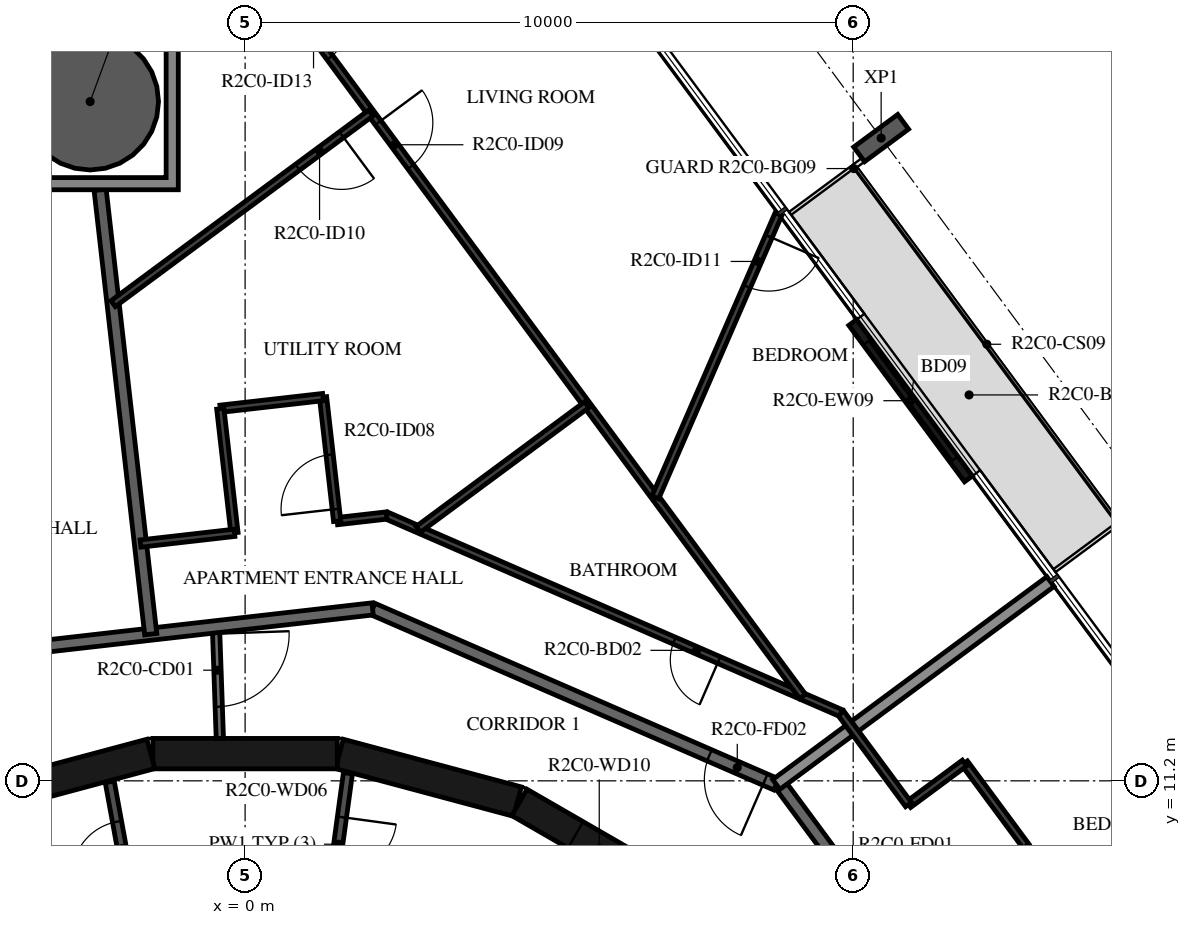
"""IFC4 building model, lengths in metres.
Left out: names, types, materials, properties, quantities, classifications, styles, units other than length and angle.
Written with IfcOpenShell. Run it as: python <this file> out.ifc"""

import sys

from ifc_helpers import new_model, si_unit, direction, frame, frame_2d, origin, origin_2d, place, context, subcontext, project, spatial, polyline, rectangle, hollow_circle, i_section, outline, extrude, element, fill, save


model = new_model("IFC4")
c1 = context("Model", 3, precision=1e-05, world=origin(), true_north=direction((0.0, 1.0)))
c2 = subcontext(c1, "Body", "Model", "MODEL_VIEW")
j1 = project(units=[si_unit("LENGTHUNIT", "METRE"), si_unit("PLANEANGLEUNIT", "RADIAN")], contexts=[c1])
p1 = place(None, origin())
s1 = spatial("IfcSite", under=j1, at=p1, CompositionType="ELEMENT")
p2 = place(p1, origin())
s2 = spatial("IfcBuilding", under=s1, at=p2, CompositionType="ELEMENT")
p3 = place(p2, frame((0.0, 0.0, 97.7)))
s3 = spatial("IfcBuildingStorey", under=s2, at=p3, CompositionType="ELEMENT", Elevation=97.7)
p4 = place(p3, frame((-2.549, 22.37, -0.38), z_axis=(0.0, 0.0, 1.0), x_axis=(1.0, 0.0, 0.0)))
e1 = element("IfcColumn", 1, at=p4, inside=s3, PredefinedType="COLUMN", context=c2, shape_type="SweptSolid", body=[
    extrude(hollow_circle(Radius=1.125, WallThickness=0.055, at=origin_2d()), origin(), (0.0, 0.0, 1.0), 3.5),
])
p5 = place(p3, frame((10.46, 21.77, -0.38), z_axis=(0.0, 0.0, 1.0), x_axis=(0.594822857897, -0.803856807972, 0.0)))
e2 = element("IfcColumn", 2, at=p5, inside=s3, PredefinedType="COLUMN", context=c2, shape_type="SweptSolid", body=[
    extrude(i_section(OverallWidth=0.3, OverallDepth=0.9, WebThickness=0.019, FlangeThickness=0.035, FilletRadius=0.03, at=origin_2d()), origin(), (0.0, 0.0, 1.0), 3.5),
])
p6 = place(p3, frame((11.895, 16.165, 0.0), z_axis=(0.0, 0.0, 1.0), x_axis=(-0.594774973163, 0.803892238611, 0.0)))
e3 = element("IfcWall", 3, at=p6, inside=s3, PredefinedType="STANDARD", context=c2, shape_type="SweptSolid", body=[
    extrude(rectangle(XDim=3.2, YDim=0.16, at=frame_2d((1.6, 0.0))), origin(), (0.0, 0.0, 1.0), 3.12),
])
p7 = place(p6, frame((0.4, 0.0, 0.0)))
e4 = element("IfcOpeningElement", 4, at=p7, cuts=e3, PredefinedType="OPENING", context=c2, shape_type="SweptSolid", body=[
    extrude(rectangle(XDim=2.4, YDim=2.4, at=frame_2d((1.2, 1.2))), frame((0.0, 0.09, 0.0), z_axis=(0.0, -1.0, 0.0), x_axis=(1.0, 0.0, 0.0)), (0.0, 0.0, 1.0), 0.18),
])
p8 = place(p3, frame((7.137, 9.329, 0.0), z_axis=(0.0, 0.0, 1.0), x_axis=(-0.865975092491, 0.500087131594, 0.0)))
e5 = element("IfcWall", 5, at=p8, inside=s3, PredefinedType="SHEAR", context=c2, shape_type="SweptSolid", body=[
    extrude(rectangle(XDim=3.033, YDim=0.5, at=frame_2d((1.516, 0.0))), origin(), (0.0, 0.0, 1.0), 3.12),
])
p9 = place(p8, frame((1.066, 0.0, 0.0)))
e6 = element("IfcOpeningElement", 6, at=p9, cuts=e5, PredefinedType="OPENING", context=c2, shape_type="SweptSolid", body=[
    extrude(rectangle(XDim=0.9, YDim=2.1, at=frame_2d((0.45, 1.05))), frame((0.0, 0.26, 0.0), z_axis=(0.0, -1.0, 0.0), x_axis=(1.0, 0.0, 0.0)), (0.0, 0.0, 1.0), 0.52),
])
for number, where, z_axis, x_axis in (
    (7, (4.479, 10.858, 0.0), (0.0, 0.0, 1.0), (-0.966, 0.259, 0.0)),
    (8, (1.516, 11.647, 0.0), (0.0, 0.0, 1.0), (-1.0, 0.0, 0.0)),
    (9, (-1.55, 11.643, 0.0), (0.0, 0.0, 1.0), (-0.966, -0.259, 0.0)),
):
    element("IfcWall", number, at=place(p3, frame(where, z_axis=z_axis, x_axis=x_axis)), inside=s3, PredefinedType="SHEAR", context=c2, shape_type="SweptSolid", body=[
        extrude(rectangle(XDim=3.033, YDim=0.5, at=frame_2d((1.516, 0.0))), origin(), (0.0, 0.0, 1.0), 3.12),
    ])
p10 = place(p3, frame((1.691, 11.326, 0.0), z_axis=(0.0, 0.0, 1.0), x_axis=(-0.135344253201, -0.990798633994, 0.0)))
e10 = element("IfcWall", 10, at=p10, inside=s3, PredefinedType="PARTITIONING", context=c2, shape_type="SweptSolid", body=[
    extrude(rectangle(XDim=2.358, YDim=0.15, at=frame_2d((1.179, 0.0))), origin(), (0.0, 0.0, 1.0), 3.12),
])
p11 = place(p10, frame((0.729, 0.0, 0.0)))
e11 = element("IfcOpeningElement", 11, at=p11, cuts=e10, PredefinedType="OPENING", context=c2, shape_type="SweptSolid", body=[
    extrude(rectangle(XDim=0.9, YDim=2.1, at=frame_2d((0.45, 1.05))), frame((0.0, 0.085, 0.0), z_axis=(0.0, -1.0, 0.0), x_axis=(1.0, 0.0, 0.0)), (0.0, 0.0, 1.0), 0.17),
])
p12 = place(p3, frame((-1.825, 8.99, 0.0), z_axis=(0.0, 0.0, 1.0), x_axis=(-0.179955206115, 0.983674805915, 0.0)))
e12 = element("IfcWall", 12, at=p12, inside=s3, PredefinedType="PARTITIONING", context=c2, shape_type="SweptSolid", body=[
    extrude(rectangle(XDim=2.229, YDim=0.15, at=frame_2d((1.115, 0.0))), origin(), (0.0, 0.0, 1.0), 3.12),
])
p13 = place(p12, frame((0.665, 0.0, 0.0)))
e13 = element("IfcOpeningElement", 13, at=p13, cuts=e12, PredefinedType="OPENING", context=c2, shape_type="SweptSolid", body=[
    extrude(rectangle(XDim=0.9, YDim=2.1, at=frame_2d((0.45, 1.05))), frame((0.0, 0.085, 0.0), z_axis=(0.0, -1.0, 0.0), x_axis=(1.0, 0.0, 0.0)), (0.0, 0.0, 1.0), 0.17),
])
p14 = place(p3, frame((-0.479, 13.734, 0.0), z_axis=(0.0, 0.0, 1.0), x_axis=(0.034805430832, -0.999394107439, 0.0)))
e14 = element("IfcWall", 14, at=p14, inside=s3, PredefinedType="PARTITIONING", context=c2, shape_type="SweptSolid", body=[
    extrude(rectangle(XDim=1.838, YDim=0.12, at=frame_2d((0.919, 0.0))), origin(), (0.0, 0.0, 1.0), 3.12),
])
p15 = place(p14, frame((0.115, 0.0, 0.0)))
e15 = element("IfcOpeningElement", 15, at=p15, cuts=e14, PredefinedType="OPENING", context=c2, shape_type="SweptSolid", body=[
    extrude(rectangle(XDim=1.2, YDim=2.1, at=frame_2d((0.6, 1.05))), frame((0.0, 0.07, 0.0), z_axis=(0.0, -1.0, 0.0), x_axis=(1.0, 0.0, 0.0)), (0.0, 0.0, 1.0), 0.14),
])
p16 = place(p3, frame((13.196, 5.198, 0.0), z_axis=(0.0, 0.0, 1.0), x_axis=(-0.594805187394, 0.803869883159, 0.0)))
e16 = element("IfcWall", 16, at=p16, inside=s3, PredefinedType="STANDARD", context=c2, shape_type="SweptSolid", body=[
    extrude(rectangle(XDim=7.342, YDim=0.2, at=frame_2d((3.671, 0.0))), origin(), (0.0, 0.0, 1.0), 3.12),
])
p17 = place(p16, frame((4.7, 0.0, 0.0)))
e17 = element("IfcOpeningElement", 17, at=p17, cuts=e16, PredefinedType="OPENING", context=c2, shape_type="SweptSolid", body=[
    extrude(rectangle(XDim=1.0, YDim=2.1, at=frame_2d((0.5, 1.05))), frame((0.0, 0.11, 0.0), z_axis=(0.0, -1.0, 0.0), x_axis=(1.0, 0.0, 0.0)), (0.0, 0.0, 1.0), 0.22),
])
p18 = place(p3, frame((8.736, 11.141, 0.0), z_axis=(0.0, 0.0, 1.0), x_axis=(-0.917051290697, 0.398769269416, 0.0)))
e18 = element("IfcWall", 18, at=p18, inside=s3, PredefinedType="STANDARD", context=c2, shape_type="SweptSolid", body=[
    extrude(rectangle(XDim=7.24, YDim=0.2, at=frame_2d((3.62, 0.0))), origin(), (0.0, 0.0, 1.0), 3.12),
])
p19 = place(p18, frame((0.2, 0.0, 0.0)))
e19 = element("IfcOpeningElement", 19, at=p19, cuts=e18, PredefinedType="OPENING", context=c2, shape_type="SweptSolid", body=[
    extrude(rectangle(XDim=1.0, YDim=2.1, at=frame_2d((0.5, 1.05))), frame((0.0, 0.11, 0.0), z_axis=(0.0, -1.0, 0.0), x_axis=(1.0, 0.0, 0.0)), (0.0, 0.0, 1.0), 0.22),
])
p20 = place(p3, frame((2.096, 14.028, 0.0), z_axis=(0.0, 0.0, 1.0), x_axis=(-0.993569170114, -0.113226782163, 0.0)))
e20 = element("IfcWall", 20, at=p20, inside=s3, PredefinedType="STANDARD", context=c2, shape_type="SweptSolid", body=[
    extrude(rectangle(XDim=7.342, YDim=0.2, at=frame_2d((3.671, 0.0))), origin(), (0.0, 0.0, 1.0), 3.12),
])
p21 = place(p3, frame((13.244, 14.477, 0.0), z_axis=(0.0, 0.0, 1.0), x_axis=(-0.803853971109, -0.594826691677, 0.0)))
e21 = element("IfcWall", 21, at=p21, inside=s3, PredefinedType="STANDARD", context=c2, shape_type="SweptSolid", body=[
    extrude(rectangle(XDim=5.609, YDim=0.2, at=frame_2d((2.804, 0.0))), origin(), (0.0, 0.0, 1.0), 2.73),
])
p22 = place(p3, frame((-2.385, 20.92, 0.0), z_axis=(0.0, 0.0, 1.0), x_axis=(0.113177776247, -0.993574753586, 0.0)))
e22 = element("IfcWall", 22, at=p22, inside=s3, PredefinedType="STANDARD", context=c2, shape_type="SweptSolid", body=[
    extrude(rectangle(XDim=7.356, YDim=0.2, at=frame_2d((3.678, 0.0))), origin(), (0.0, 0.0, 1.0), 3.12),
])
p23 = place(p3, frame((11.921, 9.444, 0.0), z_axis=(0.0, 0.0, 1.0), x_axis=(0.803768532163, 0.594942137274, 0.0)))
e23 = element("IfcWall", 23, at=p23, inside=s3, PredefinedType="PARTITIONING", context=c2, shape_type="SweptSolid", body=[
    extrude(rectangle(XDim=1.146, YDim=0.12, at=frame_2d((0.573, 0.0))), origin(), (0.0, 0.0, 1.0), 3.12),
])
p24 = place(p3, frame((12.842, 10.125, 0.0), z_axis=(0.0, 0.0, 1.0), x_axis=(-0.594770612735, 0.803895464738, 0.0)))
e24 = element("IfcWall", 24, at=p24, inside=s3, PredefinedType="PARTITIONING", context=c2, shape_type="SweptSolid", body=[
    extrude(rectangle(XDim=1.7, YDim=0.12, at=frame_2d((0.85, 0.0))), origin(), (0.0, 0.0, 1.0), 3.12),
])
p25 = place(p3, frame((11.831, 11.492, 0.0), z_axis=(0.0, 0.0, 1.0), x_axis=(-0.803843936653, -0.59484025209, 0.0)))
e25 = element("IfcWall", 25, at=p25, inside=s3, PredefinedType="PARTITIONING", context=c2, shape_type="SweptSolid", body=[
    extrude(rectangle(XDim=1.146, YDim=0.12, at=frame_2d((0.573, 0.0))), origin(), (0.0, 0.0, 1.0), 3.12),
])
p26 = place(p3, frame((10.91, 10.81, 0.0), z_axis=(0.0, 0.0, 1.0), x_axis=(-0.59489693125, 0.803801991282, 0.0)))
e26 = element("IfcWall", 26, at=p26, inside=s3, PredefinedType="PARTITIONING", context=c2, shape_type="SweptSolid", body=[
    extrude(rectangle(XDim=1.872, YDim=0.12, at=frame_2d((0.936, 0.0))), origin(), (0.0, 0.0, 1.0), 3.12),
])
p27 = place(p3, frame((9.796, 12.315, 0.0), z_axis=(0.0, 0.0, 1.0), x_axis=(-0.917059572812, 0.398750222463, 0.0)))
e27 = element("IfcWall", 27, at=p27, inside=s3, PredefinedType="PARTITIONING", context=c2, shape_type="SweptSolid", body=[
    extrude(rectangle(XDim=8.146, YDim=0.12, at=frame_2d((4.073, 0.0))), origin(), (0.0, 0.0, 1.0), 3.12),
])
p28 = place(p27, frame((2.185, 0.0, 0.0)))
e28 = element("IfcOpeningElement", 28, at=p28, cuts=e27, PredefinedType="OPENING", context=c2, shape_type="SweptSolid", body=[
    extrude(rectangle(XDim=0.8, YDim=2.1, at=frame_2d((0.4, 1.05))), frame((0.0, 0.07, 0.0), z_axis=(0.0, -1.0, 0.0), x_axis=(1.0, 0.0, 0.0)), (0.0, 0.0, 1.0), 0.14),
])
p29 = place(p3, frame((2.326, 15.563, 0.0), z_axis=(0.0, 0.0, 1.0), x_axis=(-0.993570169982, -0.113218007944, 0.0)))
e29 = element("IfcWall", 29, at=p29, inside=s3, PredefinedType="PARTITIONING", context=c2, shape_type="SweptSolid", body=[
    extrude(rectangle(XDim=0.817, YDim=0.12, at=frame_2d((0.409, 0.0))), origin(), (0.0, 0.0, 1.0), 3.12),
])
p30 = place(p3, frame((1.514, 15.471, 0.0), z_axis=(0.0, 0.0, 1.0), x_axis=(-0.113301814952, 0.993560616535, 0.0)))
e30 = element("IfcWall", 30, at=p30, inside=s3, PredefinedType="PARTITIONING", context=c2, shape_type="SweptSolid", body=[
    extrude(rectangle(XDim=2.053, YDim=0.12, at=frame_2d((1.027, 0.0))), origin(), (0.0, 0.0, 1.0), 3.12),
])
p31 = place(p30, frame((0.2, 0.0, 0.0)))
e31 = element("IfcOpeningElement", 31, at=p31, cuts=e30, PredefinedType="OPENING", context=c2, shape_type="SweptSolid", body=[
    extrude(rectangle(XDim=0.9, YDim=2.1, at=frame_2d((0.45, 1.05))), frame((0.0, 0.07, 0.0), z_axis=(0.0, -1.0, 0.0), x_axis=(1.0, 0.0, 0.0)), (0.0, 0.0, 1.0), 0.14),
])
p32 = place(p3, frame((1.281, 17.511, 0.0), z_axis=(0.0, 0.0, 1.0), x_axis=(-0.993575191649, -0.113173930474, 0.0)))
e32 = element("IfcWall", 32, at=p32, inside=s3, PredefinedType="PARTITIONING", context=c2, shape_type="SweptSolid", body=[
    extrude(rectangle(XDim=1.7, YDim=0.12, at=frame_2d((0.85, 0.0))), origin(), (0.0, 0.0, 1.0), 3.12),
])
p33 = place(p3, frame((-0.408, 17.319, 0.0), z_axis=(0.0, 0.0, 1.0), x_axis=(0.113184449176, -0.993573993452, 0.0)))
e33 = element("IfcWall", 33, at=p33, inside=s3, PredefinedType="PARTITIONING", context=c2, shape_type="SweptSolid", body=[
    extrude(rectangle(XDim=2.053, YDim=0.12, at=frame_2d((1.027, 0.0))), origin(), (0.0, 0.0, 1.0), 3.12),
])
p34 = place(p3, frame((-0.175, 15.278, 0.0), z_axis=(0.0, 0.0, 1.0), x_axis=(-0.993575604955, -0.113170301923, 0.0)))
e34 = element("IfcWall", 34, at=p34, inside=s3, PredefinedType="PARTITIONING", context=c2, shape_type="SweptSolid", body=[
    extrude(rectangle(XDim=1.555, YDim=0.12, at=frame_2d((0.778, 0.0))), origin(), (0.0, 0.0, 1.0), 3.12),
])
p35 = place(p3, frame((0.498, 24.306, 0.0), z_axis=(0.0, 0.0, 1.0), x_axis=(0.594826122019, -0.803854392639, 0.0)))
e35 = element("IfcWall", 35, at=p35, inside=s3, PredefinedType="PARTITIONING", context=c2, shape_type="SweptSolid", body=[
    extrude(rectangle(XDim=14.576, YDim=0.12, at=frame_2d((7.288, 0.0))), origin(), (0.0, 0.0, 1.0), 3.12),
])
p36 = place(p35, frame((2.841, 0.0, 0.0)))
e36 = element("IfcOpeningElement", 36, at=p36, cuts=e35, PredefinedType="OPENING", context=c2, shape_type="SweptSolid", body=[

▸ Task item: Across the records above, how many lines contain the word "SHEAR"? Give the number by itself.

▸ Answer section: 2